(Records to use)
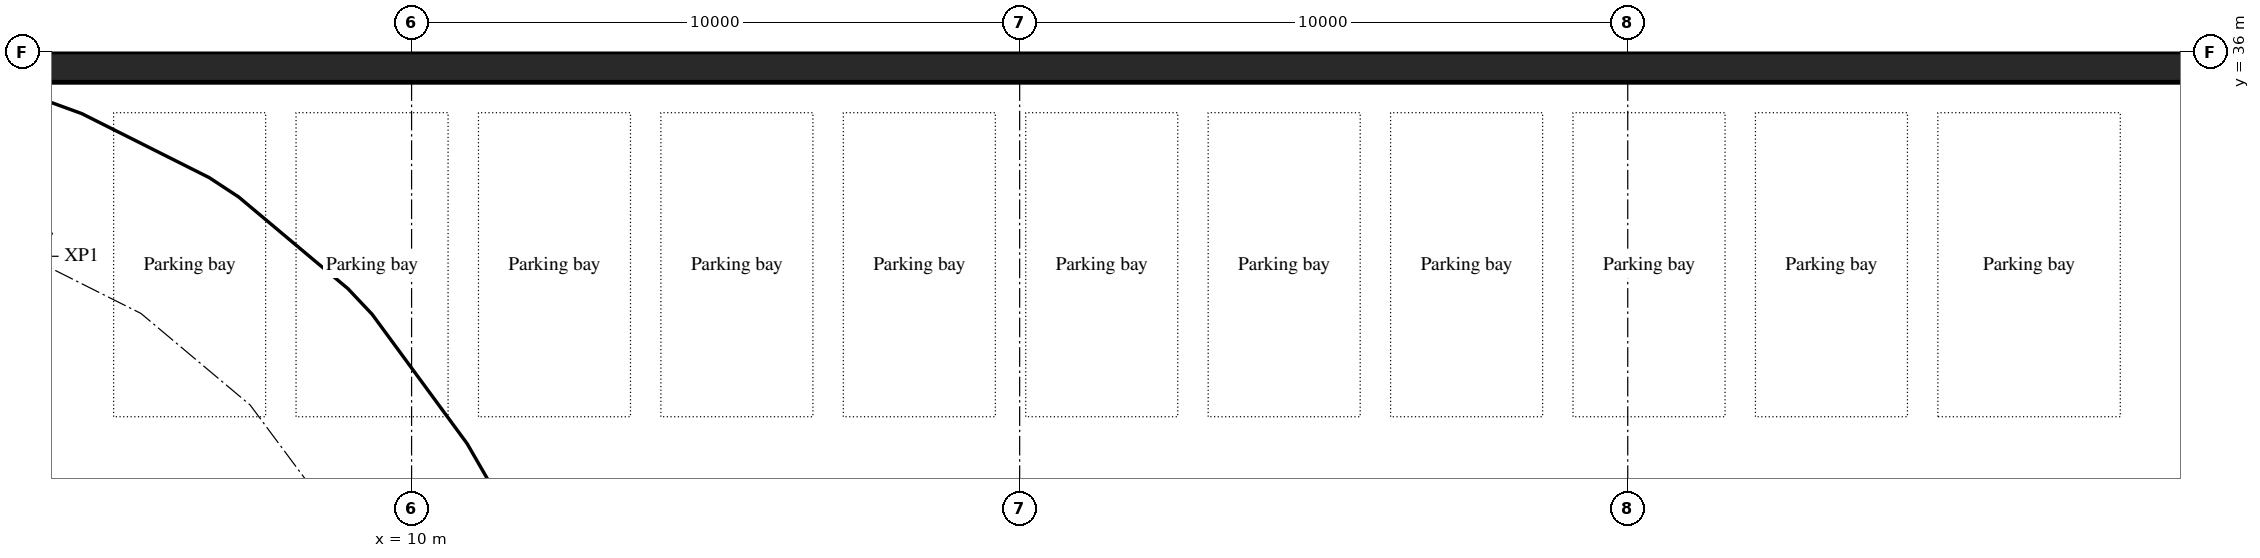
"""IFC4 building model, lengths in metres.
Left out: names, types, materials, properties, quantities, classifications, styles, units other than length and angle.
Written with IfcOpenShell. Run it as: python <this file> out.ifc"""

import sys

from ifc_helpers import new_model, si_unit, direction, frame, frame_2d, origin, place, context, subcontext, project, spatial, rectangle, extrude, element, save


model = new_model("IFC4")
c1 = context("Model", 3, precision=1e-05, world=origin(), true_north=direction((0.0, 1.0)))
c2 = subcontext(c1, "Body", "Model", "MODEL_VIEW")
j1 = project(units=[si_unit("LENGTHUNIT", "METRE"), si_unit("PLANEANGLEUNIT", "RADIAN")], contexts=[c1])
p1 = place(None, origin())
s1 = spatial("IfcSite", under=j1, at=p1, CompositionType="ELEMENT")
p2 = place(p1, origin())
s2 = spatial("IfcBuilding", under=s1, at=p2, CompositionType="ELEMENT")
p3 = place(p2, frame((0.0, 0.0, -8.4)))
s3 = spatial("IfcBuildingStorey", under=s2, at=p3, CompositionType="ELEMENT", Elevation=-8.4)
p4 = place(p3, frame((40.0, 35.75, -0.4), z_axis=(0.0, 0.0, 1.0), x_axis=(-1.0, 0.0, 0.0)))
e1 = element("IfcWall", 1, at=p4, inside=s3, PredefinedType="SOLIDWALL", context=c2, shape_type="SweptSolid", body=[
    extrude(rectangle(XDim=80.0, YDim=0.5, at=frame_2d((40.0, 0.0))), origin(), (0.0, 0.0, 1.0), 4.22),
])
save(model, sys.argv[1])
(End Records to use)
▶ About this exercise: Where a line in the entries holds "units", copy that line.

▶ Response box:
Left out: names, types, materials, properties, quantities, classifications, styles, units other than length and angle.
j1 = project(units=[si_unit("LENGTHUNIT", "METRE"), si_unit("PLANEANGLEUNIT", "RADIAN")], contexts=[c1])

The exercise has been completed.